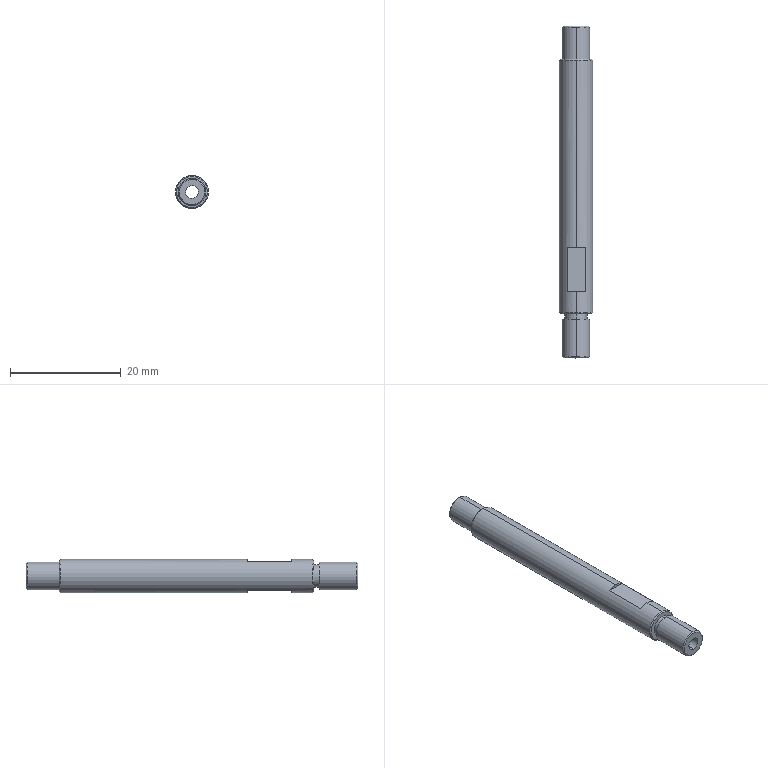Component | SolidWorks | F12529-M5106-1 | 1 solid | 29 faces | box 6 x 60 x 6 mm | volume 1300 mm3 | plane 11 | cylinder 10 | cone 8 | commonest cylinder face diameters 5 x4 2.3 x2 4 x2 6 x2 | material AISI 304
build123d program:
from build123d import *

# Parameters (mm, degrees)
SKETCH2_R          = 3
EXTRUDE1_DEPTH     = 52
SKETCH6_OUTSIDE_W  = 18.538
SKETCH6_OUTSIDE_H  = 18.538
SKETCH6_OUTSIDE_R  = 2.5
CUT_EXTRUDE2_DEPTH = 6
SKETCH7_R          = 2.5
EXTRUDE2_DEPTH     = 8
CHAMFER1_SIZE      = 0.2
SKETCH8_OUTSIDE_W  = 20.12
SKETCH8_OUTSIDE_H  = 20.12
SKETCH8_OUTSIDE_R  = 2
CUT_EXTRUDE3_DEPTH = 1
SKETCH9_R          = 1.15
CUT_EXTRUDE4_DEPTH = 61.15
CUT_EXTRUDE5_START = 2.5
SKETCH10_W         = 8
SKETCH10_H         = 8
CUT_EXTRUDE5_DEPTH = 10


with BuildPart() as part:
    # Sketch2 → Extrude1 (new body)
    with BuildSketch(Plane(origin=(0, 0, 0), x_dir=(1, 0, 0), z_dir=(0, 1, 0))):
        with Locations(Location((0, 0, 0), (0, 0, 90))):
            Circle(SKETCH2_R)
    extrude(amount=EXTRUDE1_DEPTH)

    # Sketch6 outside → Cut-Extrude2 (cut)
    with BuildSketch(Plane(origin=(0, 52, 0), x_dir=(1, 0, 0), z_dir=(0, 1, 0))):
        Rectangle(SKETCH6_OUTSIDE_W, SKETCH6_OUTSIDE_H)
        with Locations(Location((0, 0, 0), (0, 0, 270))):
            Circle(SKETCH6_OUTSIDE_R, mode=Mode.SUBTRACT)
    extrude(amount=-CUT_EXTRUDE2_DEPTH, mode=Mode.SUBTRACT)

    # Sketch7 → Extrude2 (add)
    with BuildSketch(Plane.XZ):
        with Locations(Location((0, 0, 0), (0, 0, 90))):
            Circle(SKETCH7_R)
    extrude(amount=EXTRUDE2_DEPTH)

    # Chamfer1
    chamfer1_edges = [part.edges().sort_by_distance(p)[0] for p in [
        (0, 52, -2.5),
        (0, 0, 3),
        (0, -8, -2.5),
        (0, 46, 3),
    ]]
    chamfer(chamfer1_edges, length=CHAMFER1_SIZE)

    # Sketch8 outside → Cut-Extrude3 (cut)
    with BuildSketch(Plane.XZ):
        Rectangle(SKETCH8_OUTSIDE_W, SKETCH8_OUTSIDE_H)
        with Locations(Location((0, 0, 0), (0, 0, 270))):
            Circle(SKETCH8_OUTSIDE_R, mode=Mode.SUBTRACT)
    extrude(amount=CUT_EXTRUDE3_DEPTH, mode=Mode.SUBTRACT)

    # Sketch9 → Cut-Extrude4 (cut, through all)
    with BuildSketch(Plane(origin=(0, 52, 0), x_dir=(1, 0, 0), z_dir=(0, 1, 0))):
        with Locations(Location((0, 0, 0), (0, 0, 270))):
            Circle(SKETCH9_R)
    extrude(amount=-CUT_EXTRUDE4_DEPTH, mode=Mode.SUBTRACT)

    # Sketch10 → Cut-Extrude5 (cut)
    with BuildSketch(Plane.XY.offset(CUT_EXTRUDE5_START)):
        with Locations((0, 8)):
            Rectangle(SKETCH10_W, SKETCH10_H)
    cut_extrude5 = extrude(amount=CUT_EXTRUDE5_DEPTH, mode=Mode.SUBTRACT)

    # Mirror1: Cut-Extrude5 across plane
    add(cut_extrude5.mirror(Plane.XY), mode=Mode.SUBTRACT)


solid = part.part

# Placed as in the assembly
solid = solid.moved(Location((-17.5, 227.5, 10), (180, -2.312, 180)))
STEP:
#1=CARTESIAN_POINT('',(-0.6908,8.642,0.3485));
#2=VERTEX_POINT('',#1);
#3=CARTESIAN_POINT('',(-0.6871,8.642,0.4389));
#4=VERTEX_POINT('',#3);
#5=CARTESIAN_POINT('',(-0.689,8.642,0.3937));
#6=DIRECTION('',(0.,1.,-0.));
#7=DIRECTION('',(0.04034,0.,0.9992));
#8=AXIS2_PLACEMENT_3D('',#5,#6,#7);
#9=CIRCLE('',#8,0.04528);
#10=EDGE_CURVE('',#2,#4,#9,.T.);
#11=ORIENTED_EDGE('',*,*,#10,.F.);
#12=CARTESIAN_POINT('',(-0.6908,11.004,0.3485));
#13=VERTEX_POINT('',#12);
#14=CARTESIAN_POINT('',(-0.6908,8.642,0.3485));
#15=DIRECTION('',(0.,1.,-0.));
#16=VECTOR('',#15,39.37);
#17=LINE('',#14,#16);
#18=EDGE_CURVE('',#2,#13,#17,.T.);
#19=ORIENTED_EDGE('',*,*,#18,.T.);
#20=CARTESIAN_POINT('',(-0.6871,11.004,0.4389));
#21=VERTEX_POINT('',#20);
#22=CARTESIAN_POINT('',(-0.689,11.004,0.3937));
#23=DIRECTION('',(0.,1.,-0.));
#24=DIRECTION('',(0.04034,0.,0.9992));
#25=AXIS2_PLACEMENT_3D('',#22,#23,#24);
#26=CIRCLE('',#25,0.04528);
#27=EDGE_CURVE('',#13,#21,#26,.T.);
#28=ORIENTED_EDGE('',*,*,#27,.T.);
#29=CARTESIAN_POINT('',(-0.6871,8.642,0.4389));
#30=DIRECTION('',(0.,1.,-0.));
#31=VECTOR('',#30,39.37);
#32=LINE('',#29,#31);
#33=EDGE_CURVE('',#4,#21,#32,.T.);
#34=ORIENTED_EDGE('',*,*,#33,.F.);
#35=EDGE_LOOP('',(#11,#19,#28,#34));
#36=FACE_OUTER_BOUND('',#35,.T.);
#37=CARTESIAN_POINT('',(-0.689,8.642,0.3937));
#38=DIRECTION('',(0.,1.,-0.));
#39=DIRECTION('',(0.04034,0.,0.9992));
#40=AXIS2_PLACEMENT_3D('',#37,#38,#39);
#41=CYLINDRICAL_SURFACE('',#40,0.04528);
#42=ADVANCED_FACE('',(#36),#41,.F.);
#43=CARTESIAN_POINT('',(-0.685,8.65,0.492));
#44=VERTEX_POINT('',#43);
#45=CARTESIAN_POINT('',(-0.6929,8.65,0.2954));
#46=VERTEX_POINT('',#45);
#47=CARTESIAN_POINT('',(-0.689,8.65,0.3937));
#48=DIRECTION('',(0.,1.,-0.));
#49=DIRECTION('',(-0.04034,0.,-0.9992));
#50=AXIS2_PLACEMENT_3D('',#47,#48,#49);
#51=CIRCLE('',#50,0.09843);
#52=EDGE_CURVE('',#44,#46,#51,.T.);
#53=ORIENTED_EDGE('',*,*,#52,.T.);
#54=CARTESIAN_POINT('',(-0.6929,8.917,0.2954));
#55=VERTEX_POINT('',#54);
#56=CARTESIAN_POINT('',(-0.6929,8.642,0.2954));
#57=DIRECTION('',(0.,1.,-0.));
#58=VECTOR('',#57,39.37);
#59=LINE('',#56,#58);
#60=EDGE_CURVE('',#46,#55,#59,.T.);
#61=ORIENTED_EDGE('',*,*,#60,.T.);
#62=CARTESIAN_POINT('',(-0.685,8.917,0.492));
#63=VERTEX_POINT('',#62);
#64=CARTESIAN_POINT('',(-0.689,8.917,0.3937));
#65=DIRECTION('',(-0.,-1.,0.));
#66=DIRECTION('',(-0.04034,0.,-0.9992));
#67=AXIS2_PLACEMENT_3D('',#64,#65,#66);
#68=CIRCLE('',#67,0.09843);
#69=EDGE_CURVE('',#55,#63,#68,.T.);
#70=ORIENTED_EDGE('',*,*,#69,.T.);
#71=CARTESIAN_POINT('',(-0.685,8.642,0.492));
#72=DIRECTION('',(0.,1.,-0.));
#73=VECTOR('',#72,39.37);
#74=LINE('',#71,#73);
#75=EDGE_CURVE('',#44,#63,#74,.T.);
#76=ORIENTED_EDGE('',*,*,#75,.F.);
#77=EDGE_LOOP('',(#53,#61,#70,#76));
#78=FACE_OUTER_BOUND('',#77,.T.);
#79=CARTESIAN_POINT('',(-0.689,8.642,0.3937));
#80=DIRECTION('',(0.,1.,-0.));
#81=DIRECTION('',(0.04034,0.,0.9992));
#82=AXIS2_PLACEMENT_3D('',#79,#80,#81);
#83=CYLINDRICAL_SURFACE('',#82,0.09843);
#84=ADVANCED_FACE('',(#78),#83,.T.);
#85=CARTESIAN_POINT('',(-0.6926,8.642,0.3032));
#86=VERTEX_POINT('',#85);
#87=CARTESIAN_POINT('',(-0.6853,8.642,0.4842));
#88=VERTEX_POINT('',#87);
#89=CARTESIAN_POINT('',(-0.689,8.642,0.3937));
#90=DIRECTION('',(-0.,-1.,0.));
#91=DIRECTION('',(-0.04034,0.,-0.9992));
#92=AXIS2_PLACEMENT_3D('',#89,#90,#91);
#93=CIRCLE('',#92,0.09055);
#94=EDGE_CURVE('',#86,#88,#93,.T.);
#95=ORIENTED_EDGE('',*,*,#94,.F.);
#96=CARTESIAN_POINT('',(-0.6926,8.642,0.3032));
#97=DIRECTION('',(-0.02853,0.7071,-0.7065));
#98=VECTOR('',#97,39.37);
#99=LINE('',#96,#98);
#100=EDGE_CURVE('',#86,#46,#99,.T.);
#101=ORIENTED_EDGE('',*,*,#100,.T.);
#102=ORIENTED_EDGE('',*,*,#52,.F.);
#103=CARTESIAN_POINT('',(-0.6853,8.642,0.4842));
#104=DIRECTION('',(0.02853,0.7071,0.7065));
#105=VECTOR('',#104,39.37);
#106=LINE('',#103,#105);
#107=EDGE_CURVE('',#88,#44,#106,.T.);
#108=ORIENTED_EDGE('',*,*,#107,.F.);
#109=EDGE_LOOP('',(#95,#101,#102,#108));
#110=FACE_OUTER_BOUND('',#109,.T.);
#111=CARTESIAN_POINT('',(-0.689,8.642,0.3937));
#112=DIRECTION('',(0.,1.,-0.));
#113=DIRECTION('',(0.04034,0.,0.9992));
#114=AXIS2_PLACEMENT_3D('',#111,#112,#113);
#115=CONICAL_SURFACE('',#114,0.09055,0.7854);
#116=ADVANCED_FACE('',(#110),#115,.T.);
#117=CARTESIAN_POINT('',(-0.6922,8.917,0.315));
#118=VERTEX_POINT('',#117);
#119=CARTESIAN_POINT('',(-0.6858,8.917,0.4724));
#120=VERTEX_POINT('',#119);
#121=CARTESIAN_POINT('',(-0.689,8.917,0.3937));
#122=DIRECTION('',(-0.,-1.,0.));
#123=DIRECTION('',(-0.04034,0.,-0.9992));
#124=AXIS2_PLACEMENT_3D('',#121,#122,#123);
#125=CIRCLE('',#124,0.07874);
#126=EDGE_CURVE('',#118,#120,#125,.T.);
#127=ORIENTED_EDGE('',*,*,#126,.F.);
#128=CARTESIAN_POINT('',(-0.6922,8.957,0.315));
#129=VERTEX_POINT('',#128);
#130=CARTESIAN_POINT('',(-0.6922,8.917,0.315));
#131=DIRECTION('',(0.,1.,-0.));
#132=VECTOR('',#131,39.37);
#133=LINE('',#130,#132);
#134=EDGE_CURVE('',#118,#129,#133,.T.);
#135=ORIENTED_EDGE('',*,*,#134,.T.);
#136=CARTESIAN_POINT('',(-0.6858,8.957,0.4724));
#137=VERTEX_POINT('',#136);
#138=CARTESIAN_POINT('',(-0.689,8.957,0.3937));
#139=DIRECTION('',(-0.,-1.,0.));
#140=DIRECTION('',(-0.04034,0.,-0.9992));
#141=AXIS2_PLACEMENT_3D('',#138,#139,#140);
#142=CIRCLE('',#141,0.07874);
#143=EDGE_CURVE('',#129,#137,#142,.T.);
#144=ORIENTED_EDGE('',*,*,#143,.T.);
#145=CARTESIAN_POINT('',(-0.6858,8.917,0.4724));
#146=DIRECTION('',(0.,1.,-0.));
#147=VECTOR('',#146,39.37);
#148=LINE('',#145,#147);
#149=EDGE_CURVE('',#120,#137,#148,.T.);
#150=ORIENTED_EDGE('',*,*,#149,.F.);
#151=EDGE_LOOP('',(#127,#135,#144,#150));
#152=FACE_OUTER_BOUND('',#151,.T.);
#153=CARTESIAN_POINT('',(-0.689,8.917,0.3937));
#154=DIRECTION('',(0.,1.,-0.));
#155=DIRECTION('',(0.04034,0.,0.9992));
#156=AXIS2_PLACEMENT_3D('',#153,#154,#155);
#157=CYLINDRICAL_SURFACE('',#156,0.07874);
#158=ADVANCED_FACE('',(#152),#157,.T.);
#159=CARTESIAN_POINT('',(-0.6853,11.004,0.4842));
#160=VERTEX_POINT('',#159);
#161=CARTESIAN_POINT('',(-0.6926,11.004,0.3032));
#162=VERTEX_POINT('',#161);
#163=CARTESIAN_POINT('',(-0.689,11.004,0.3937));
#164=DIRECTION('',(0.,1.,-0.));
#165=DIRECTION('',(0.04034,0.,0.9992));
#166=AXIS2_PLACEMENT_3D('',#163,#164,#165);
#167=CIRCLE('',#166,0.09055);
#168=EDGE_CURVE('',#160,#162,#167,.T.);
#169=ORIENTED_EDGE('',*,*,#168,.F.);
#170=CARTESIAN_POINT('',(-0.685,10.996,0.492));
#171=VERTEX_POINT('',#170);
#172=CARTESIAN_POINT('',(-0.6853,11.004,0.4842));
#173=DIRECTION('',(0.02853,-0.7071,0.7065));
#174=VECTOR('',#173,39.37);
#175=LINE('',#172,#174);
#176=EDGE_CURVE('',#160,#171,#175,.T.);
#177=ORIENTED_EDGE('',*,*,#176,.T.);
#178=CARTESIAN_POINT('',(-0.6929,10.996,0.2954));
#179=VERTEX_POINT('',#178);
#180=CARTESIAN_POINT('',(-0.689,10.996,0.3937));
#181=DIRECTION('',(-0.,-1.,0.));
#182=DIRECTION('',(0.04034,0.,0.9992));
#183=AXIS2_PLACEMENT_3D('',#180,#181,#182);
#184=CIRCLE('',#183,0.09843);
#185=EDGE_CURVE('',#179,#171,#184,.T.);
#186=ORIENTED_EDGE('',*,*,#185,.F.);
#187=CARTESIAN_POINT('',(-0.6926,11.004,0.3032));
#188=DIRECTION('',(-0.02853,-0.7071,-0.7065));
#189=VECTOR('',#188,39.37);
#190=LINE('',#187,#189);
#191=EDGE_CURVE('',#162,#179,#190,.T.);
#192=ORIENTED_EDGE('',*,*,#191,.F.);
#193=EDGE_LOOP('',(#169,#177,#186,#192));
#194=FACE_OUTER_BOUND('',#193,.T.);
#195=CARTESIAN_POINT('',(-0.689,11.004,0.3937));
#196=DIRECTION('',(-0.,-1.,0.));
#197=DIRECTION('',(-0.04034,0.,-0.9992));
#198=AXIS2_PLACEMENT_3D('',#195,#196,#197);
#199=CONICAL_SURFACE('',#198,0.09055,0.7854);
#200=ADVANCED_FACE('',(#194),#199,.T.);
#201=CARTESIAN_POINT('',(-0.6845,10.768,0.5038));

§ WORK REQUEST: Nothing should appear in the answer except the lines above from the line with "#49=DIRECTION('',(-0.04034,0.,-0.9992));" through the line with "#101=ORIENTED_EDGE('',*,*,#100,.T.);", both included, written out exactly.

§ EXPECTED ANSWER:
#49=DIRECTION('',(-0.04034,0.,-0.9992));
#50=AXIS2_PLACEMENT_3D('',#47,#48,#49);
#51=CIRCLE('',#50,0.09843);
#52=EDGE_CURVE('',#44,#46,#51,.T.);
#53=ORIENTED_EDGE('',*,*,#52,.T.);
#54=CARTESIAN_POINT('',(-0.6929,8.917,0.2954));
#55=VERTEX_POINT('',#54);
#56=CARTESIAN_POINT('',(-0.6929,8.642,0.2954));
#57=DIRECTION('',(0.,1.,-0.));
#58=VECTOR('',#57,39.37);
#59=LINE('',#56,#58);
#60=EDGE_CURVE('',#46,#55,#59,.T.);
#61=ORIENTED_EDGE('',*,*,#60,.T.);
#62=CARTESIAN_POINT('',(-0.685,8.917,0.492));
#63=VERTEX_POINT('',#62);
#64=CARTESIAN_POINT('',(-0.689,8.917,0.3937));
#65=DIRECTION('',(-0.,-1.,0.));
#66=DIRECTION('',(-0.04034,0.,-0.9992));
#67=AXIS2_PLACEMENT_3D('',#64,#65,#66);
#68=CIRCLE('',#67,0.09843);
#69=EDGE_CURVE('',#55,#63,#68,.T.);
#70=ORIENTED_EDGE('',*,*,#69,.T.);
#71=CARTESIAN_POINT('',(-0.685,8.642,0.492));
#72=DIRECTION('',(0.,1.,-0.));
#73=VECTOR('',#72,39.37);
#74=LINE('',#71,#73);
#75=EDGE_CURVE('',#44,#63,#74,.T.);
#76=ORIENTED_EDGE('',*,*,#75,.F.);
#77=EDGE_LOOP('',(#53,#61,#70,#76));
#78=FACE_OUTER_BOUND('',#77,.T.);
#79=CARTESIAN_POINT('',(-0.689,8.642,0.3937));
#80=DIRECTION('',(0.,1.,-0.));
#81=DIRECTION('',(0.04034,0.,0.9992));
#82=AXIS2_PLACEMENT_3D('',#79,#80,#81);
#83=CYLINDRICAL_SURFACE('',#82,0.09843);
#84=ADVANCED_FACE('',(#78),#83,.T.);
#85=CARTESIAN_POINT('',(-0.6926,8.642,0.3032));
#86=VERTEX_POINT('',#85);
#87=CARTESIAN_POINT('',(-0.6853,8.642,0.4842));
#88=VERTEX_POINT('',#87);
#89=CARTESIAN_POINT('',(-0.689,8.642,0.3937));
#90=DIRECTION('',(-0.,-1.,0.));
#91=DIRECTION('',(-0.04034,0.,-0.9992));
#92=AXIS2_PLACEMENT_3D('',#89,#90,#91);
#93=CIRCLE('',#92,0.09055);
#94=EDGE_CURVE('',#86,#88,#93,.T.);
#95=ORIENTED_EDGE('',*,*,#94,.F.);
#96=CARTESIAN_POINT('',(-0.6926,8.642,0.3032));
#97=DIRECTION('',(-0.02853,0.7071,-0.7065));
#98=VECTOR('',#97,39.37);
#99=LINE('',#96,#98);
#100=EDGE_CURVE('',#86,#46,#99,.T.);
#101=ORIENTED_EDGE('',*,*,#100,.T.);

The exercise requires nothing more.